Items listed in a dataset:

== Segment start ==

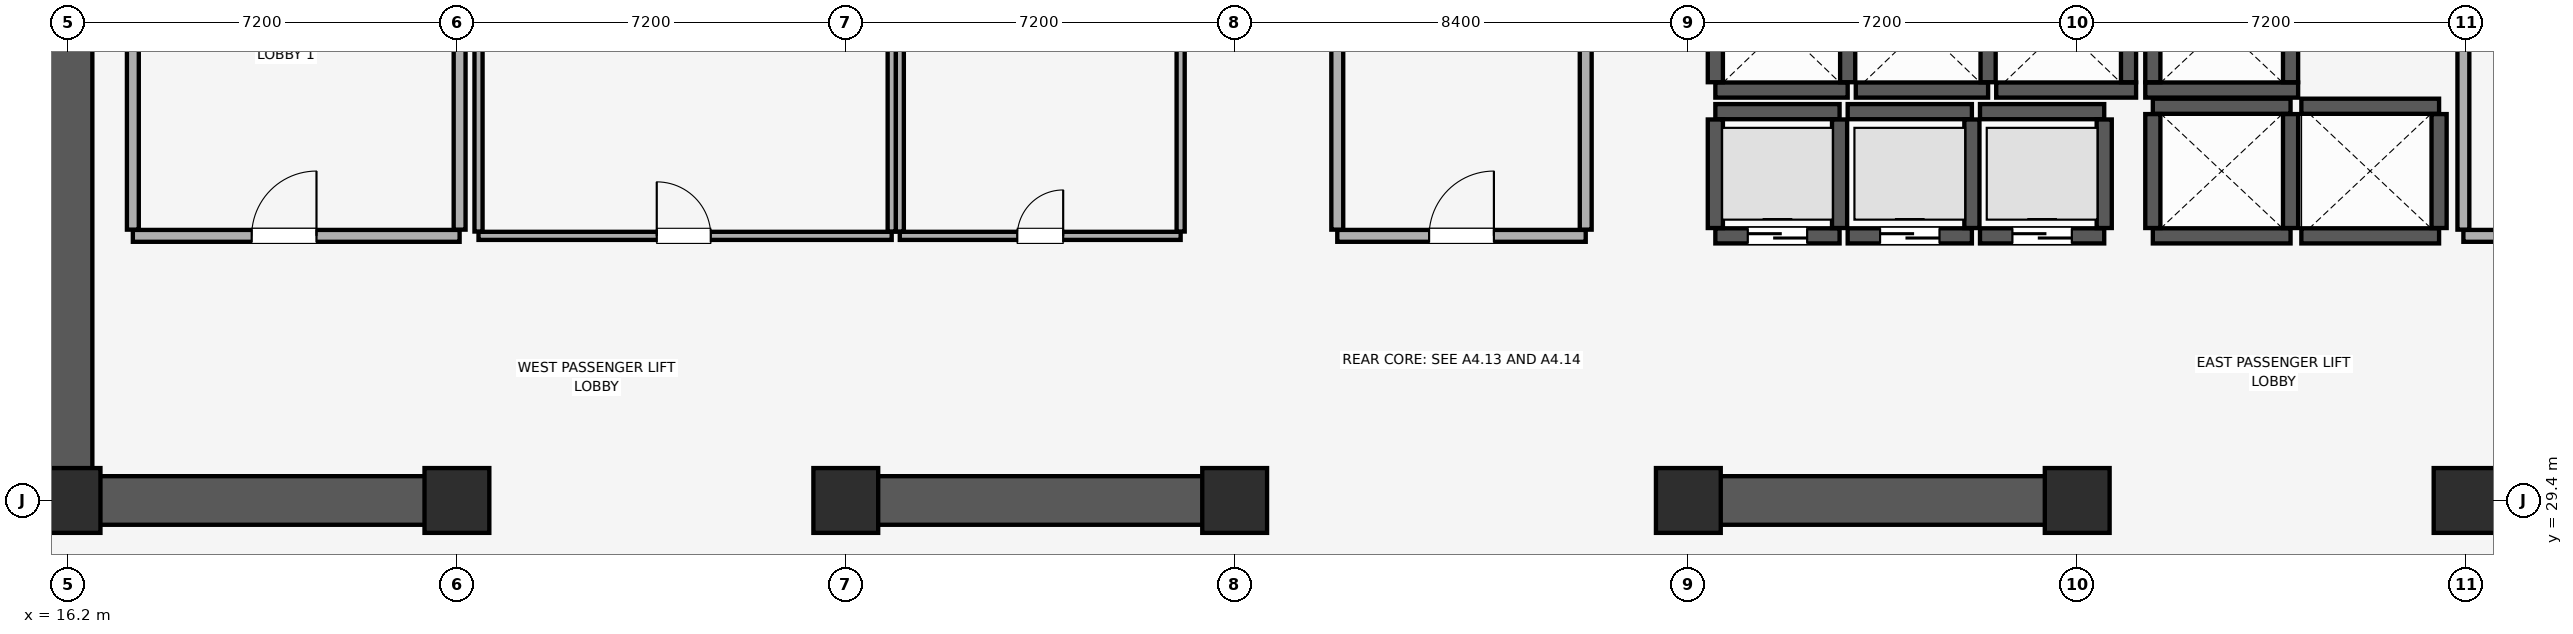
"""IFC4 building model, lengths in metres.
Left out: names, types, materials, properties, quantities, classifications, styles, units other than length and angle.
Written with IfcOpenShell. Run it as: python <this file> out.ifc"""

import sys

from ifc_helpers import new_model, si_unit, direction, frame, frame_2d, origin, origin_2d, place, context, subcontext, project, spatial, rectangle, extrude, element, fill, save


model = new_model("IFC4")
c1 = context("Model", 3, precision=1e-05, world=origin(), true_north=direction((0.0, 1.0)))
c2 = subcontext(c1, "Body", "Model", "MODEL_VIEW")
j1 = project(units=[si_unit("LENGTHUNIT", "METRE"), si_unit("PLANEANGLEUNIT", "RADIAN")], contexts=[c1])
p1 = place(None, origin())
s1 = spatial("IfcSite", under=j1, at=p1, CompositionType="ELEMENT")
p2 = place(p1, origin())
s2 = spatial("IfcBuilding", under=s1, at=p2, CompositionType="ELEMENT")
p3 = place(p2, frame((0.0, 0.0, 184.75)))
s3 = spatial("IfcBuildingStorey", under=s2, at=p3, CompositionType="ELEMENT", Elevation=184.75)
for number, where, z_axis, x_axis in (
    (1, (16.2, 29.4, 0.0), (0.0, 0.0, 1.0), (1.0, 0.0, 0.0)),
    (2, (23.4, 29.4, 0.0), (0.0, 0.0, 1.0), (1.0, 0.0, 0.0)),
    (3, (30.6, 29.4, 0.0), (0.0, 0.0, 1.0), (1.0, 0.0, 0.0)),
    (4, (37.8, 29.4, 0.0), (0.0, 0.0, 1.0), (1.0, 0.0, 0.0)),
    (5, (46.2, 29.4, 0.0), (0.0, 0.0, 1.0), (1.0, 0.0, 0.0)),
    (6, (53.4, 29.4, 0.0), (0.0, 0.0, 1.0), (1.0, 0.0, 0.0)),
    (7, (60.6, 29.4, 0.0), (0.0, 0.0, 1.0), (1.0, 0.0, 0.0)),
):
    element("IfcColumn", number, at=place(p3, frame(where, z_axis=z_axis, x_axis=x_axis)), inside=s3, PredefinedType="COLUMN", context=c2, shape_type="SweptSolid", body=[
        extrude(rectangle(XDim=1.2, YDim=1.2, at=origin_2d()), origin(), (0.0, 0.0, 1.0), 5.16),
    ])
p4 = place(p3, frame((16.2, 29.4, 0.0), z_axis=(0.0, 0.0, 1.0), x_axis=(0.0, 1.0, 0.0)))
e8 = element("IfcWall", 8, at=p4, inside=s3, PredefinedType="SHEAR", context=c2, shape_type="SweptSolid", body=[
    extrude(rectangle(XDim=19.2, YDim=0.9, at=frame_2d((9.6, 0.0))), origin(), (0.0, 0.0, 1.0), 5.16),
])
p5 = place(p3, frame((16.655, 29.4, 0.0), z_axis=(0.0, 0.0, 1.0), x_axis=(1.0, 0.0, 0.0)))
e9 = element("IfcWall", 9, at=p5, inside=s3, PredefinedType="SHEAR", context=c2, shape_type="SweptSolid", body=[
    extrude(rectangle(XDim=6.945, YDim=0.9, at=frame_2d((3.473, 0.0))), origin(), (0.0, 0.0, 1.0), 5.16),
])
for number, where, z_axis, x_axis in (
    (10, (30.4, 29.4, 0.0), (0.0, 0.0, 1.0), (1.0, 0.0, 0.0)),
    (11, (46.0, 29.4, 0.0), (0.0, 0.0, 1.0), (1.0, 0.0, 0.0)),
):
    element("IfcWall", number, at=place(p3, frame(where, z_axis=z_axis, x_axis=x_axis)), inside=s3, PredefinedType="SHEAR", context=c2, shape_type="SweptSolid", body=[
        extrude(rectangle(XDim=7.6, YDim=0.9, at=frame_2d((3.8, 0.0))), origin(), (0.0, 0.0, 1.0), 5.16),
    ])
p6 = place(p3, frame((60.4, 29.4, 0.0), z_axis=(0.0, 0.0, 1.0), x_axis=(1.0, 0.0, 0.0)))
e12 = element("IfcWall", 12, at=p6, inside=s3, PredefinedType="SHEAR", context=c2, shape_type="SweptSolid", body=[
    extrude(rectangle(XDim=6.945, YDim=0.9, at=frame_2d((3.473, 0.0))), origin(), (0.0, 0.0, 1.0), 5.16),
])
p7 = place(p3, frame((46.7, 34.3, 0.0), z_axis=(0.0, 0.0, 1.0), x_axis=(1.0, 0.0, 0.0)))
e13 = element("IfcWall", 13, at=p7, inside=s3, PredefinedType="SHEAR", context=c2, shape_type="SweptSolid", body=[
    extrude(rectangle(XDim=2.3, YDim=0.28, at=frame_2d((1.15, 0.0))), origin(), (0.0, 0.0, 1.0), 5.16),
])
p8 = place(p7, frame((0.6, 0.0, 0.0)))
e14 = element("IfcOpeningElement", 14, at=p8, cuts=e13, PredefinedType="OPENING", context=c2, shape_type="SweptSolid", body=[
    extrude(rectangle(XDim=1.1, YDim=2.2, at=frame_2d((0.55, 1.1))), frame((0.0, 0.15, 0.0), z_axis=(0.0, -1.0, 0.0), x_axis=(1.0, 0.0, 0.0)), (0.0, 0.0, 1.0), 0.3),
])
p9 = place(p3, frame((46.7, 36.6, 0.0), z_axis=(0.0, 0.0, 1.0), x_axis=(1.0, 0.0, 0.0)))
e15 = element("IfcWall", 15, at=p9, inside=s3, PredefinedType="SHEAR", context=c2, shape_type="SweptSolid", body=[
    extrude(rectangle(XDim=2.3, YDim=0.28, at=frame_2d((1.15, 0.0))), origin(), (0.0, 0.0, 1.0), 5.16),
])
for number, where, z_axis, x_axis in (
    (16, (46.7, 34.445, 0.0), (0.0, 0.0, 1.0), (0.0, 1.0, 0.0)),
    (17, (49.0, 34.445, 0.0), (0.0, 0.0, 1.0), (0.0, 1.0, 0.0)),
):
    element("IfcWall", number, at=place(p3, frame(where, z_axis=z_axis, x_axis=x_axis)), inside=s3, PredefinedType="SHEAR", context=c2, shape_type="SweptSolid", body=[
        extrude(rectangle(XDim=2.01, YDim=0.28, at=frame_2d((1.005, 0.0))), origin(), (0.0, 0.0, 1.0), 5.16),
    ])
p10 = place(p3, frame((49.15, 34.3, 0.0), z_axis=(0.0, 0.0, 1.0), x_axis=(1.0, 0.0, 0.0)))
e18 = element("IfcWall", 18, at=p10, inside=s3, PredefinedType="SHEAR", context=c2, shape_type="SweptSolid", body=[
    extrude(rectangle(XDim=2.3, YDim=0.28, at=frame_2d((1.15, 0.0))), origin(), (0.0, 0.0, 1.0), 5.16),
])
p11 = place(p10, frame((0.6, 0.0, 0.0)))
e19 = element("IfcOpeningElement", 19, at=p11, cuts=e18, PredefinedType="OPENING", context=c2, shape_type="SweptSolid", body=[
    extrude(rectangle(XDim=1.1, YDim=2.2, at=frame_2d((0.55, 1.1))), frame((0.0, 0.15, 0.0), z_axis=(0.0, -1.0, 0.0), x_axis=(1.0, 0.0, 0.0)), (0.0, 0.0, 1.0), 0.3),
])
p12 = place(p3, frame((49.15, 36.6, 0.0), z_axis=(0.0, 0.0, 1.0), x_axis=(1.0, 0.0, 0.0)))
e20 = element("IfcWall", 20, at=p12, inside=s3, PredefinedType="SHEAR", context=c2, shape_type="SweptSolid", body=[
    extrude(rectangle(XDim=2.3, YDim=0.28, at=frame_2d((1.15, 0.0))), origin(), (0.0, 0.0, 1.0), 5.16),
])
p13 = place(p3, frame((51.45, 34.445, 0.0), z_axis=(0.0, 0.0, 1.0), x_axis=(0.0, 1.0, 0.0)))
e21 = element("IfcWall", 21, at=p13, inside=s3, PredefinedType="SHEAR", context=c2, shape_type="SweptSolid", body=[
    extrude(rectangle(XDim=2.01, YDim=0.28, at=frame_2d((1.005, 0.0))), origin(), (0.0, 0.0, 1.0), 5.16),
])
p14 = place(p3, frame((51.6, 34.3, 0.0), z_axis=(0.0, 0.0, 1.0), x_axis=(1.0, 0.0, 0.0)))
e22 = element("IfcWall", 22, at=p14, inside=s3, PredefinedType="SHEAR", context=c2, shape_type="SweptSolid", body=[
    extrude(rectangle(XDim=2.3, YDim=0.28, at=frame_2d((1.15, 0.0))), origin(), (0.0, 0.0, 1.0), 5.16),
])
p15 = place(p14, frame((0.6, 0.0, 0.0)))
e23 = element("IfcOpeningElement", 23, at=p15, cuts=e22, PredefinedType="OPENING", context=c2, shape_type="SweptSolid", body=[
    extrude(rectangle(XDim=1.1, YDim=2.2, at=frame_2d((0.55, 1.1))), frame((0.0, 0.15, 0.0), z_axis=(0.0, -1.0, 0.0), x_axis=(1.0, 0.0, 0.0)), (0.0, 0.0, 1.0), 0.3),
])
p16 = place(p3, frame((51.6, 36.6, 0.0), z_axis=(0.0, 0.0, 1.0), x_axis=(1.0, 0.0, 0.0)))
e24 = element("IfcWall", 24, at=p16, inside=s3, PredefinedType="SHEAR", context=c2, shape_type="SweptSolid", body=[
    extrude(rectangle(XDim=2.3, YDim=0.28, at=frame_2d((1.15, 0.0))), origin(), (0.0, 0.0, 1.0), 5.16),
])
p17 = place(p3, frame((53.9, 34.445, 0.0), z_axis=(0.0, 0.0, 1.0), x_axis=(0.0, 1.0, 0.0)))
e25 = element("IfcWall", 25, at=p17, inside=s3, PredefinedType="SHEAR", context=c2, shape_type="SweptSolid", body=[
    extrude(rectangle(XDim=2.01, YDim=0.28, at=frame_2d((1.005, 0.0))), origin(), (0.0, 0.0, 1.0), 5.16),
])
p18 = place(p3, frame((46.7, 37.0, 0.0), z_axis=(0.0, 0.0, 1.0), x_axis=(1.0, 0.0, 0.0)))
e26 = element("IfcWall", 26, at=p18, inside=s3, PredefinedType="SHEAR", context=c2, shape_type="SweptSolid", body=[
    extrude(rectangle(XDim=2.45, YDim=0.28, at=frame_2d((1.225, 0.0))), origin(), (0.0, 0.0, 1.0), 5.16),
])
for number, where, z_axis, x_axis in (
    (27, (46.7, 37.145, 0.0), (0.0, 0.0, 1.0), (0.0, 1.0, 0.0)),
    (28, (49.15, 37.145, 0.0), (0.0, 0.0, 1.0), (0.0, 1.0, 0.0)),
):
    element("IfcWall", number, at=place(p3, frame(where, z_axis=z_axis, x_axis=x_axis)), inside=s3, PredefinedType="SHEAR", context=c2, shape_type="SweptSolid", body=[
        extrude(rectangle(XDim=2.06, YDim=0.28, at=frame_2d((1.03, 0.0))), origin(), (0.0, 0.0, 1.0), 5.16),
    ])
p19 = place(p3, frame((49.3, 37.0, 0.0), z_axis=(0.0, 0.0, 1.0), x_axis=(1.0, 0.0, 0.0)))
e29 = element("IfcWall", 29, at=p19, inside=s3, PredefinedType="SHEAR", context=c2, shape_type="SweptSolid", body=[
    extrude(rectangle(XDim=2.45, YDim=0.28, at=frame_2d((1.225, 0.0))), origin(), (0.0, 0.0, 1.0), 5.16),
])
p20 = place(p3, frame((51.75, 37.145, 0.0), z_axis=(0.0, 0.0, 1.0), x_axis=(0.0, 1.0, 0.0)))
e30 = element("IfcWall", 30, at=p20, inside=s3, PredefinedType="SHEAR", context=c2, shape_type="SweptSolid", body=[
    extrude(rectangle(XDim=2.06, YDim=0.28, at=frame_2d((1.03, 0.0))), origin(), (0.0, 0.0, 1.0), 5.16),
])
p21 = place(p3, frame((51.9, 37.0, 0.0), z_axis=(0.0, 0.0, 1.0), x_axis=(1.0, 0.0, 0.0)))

== Segment end ==

### What is needed:
Please return all lines above in which the string "subcontext" is found.

### Response:
from ifc_helpers import new_model, si_unit, direction, frame, frame_2d, origin, origin_2d, place, context, subcontext, project, spatial, rectangle, extrude, element, fill, save
c2 = subcontext(c1, "Body", "Model", "MODEL_VIEW")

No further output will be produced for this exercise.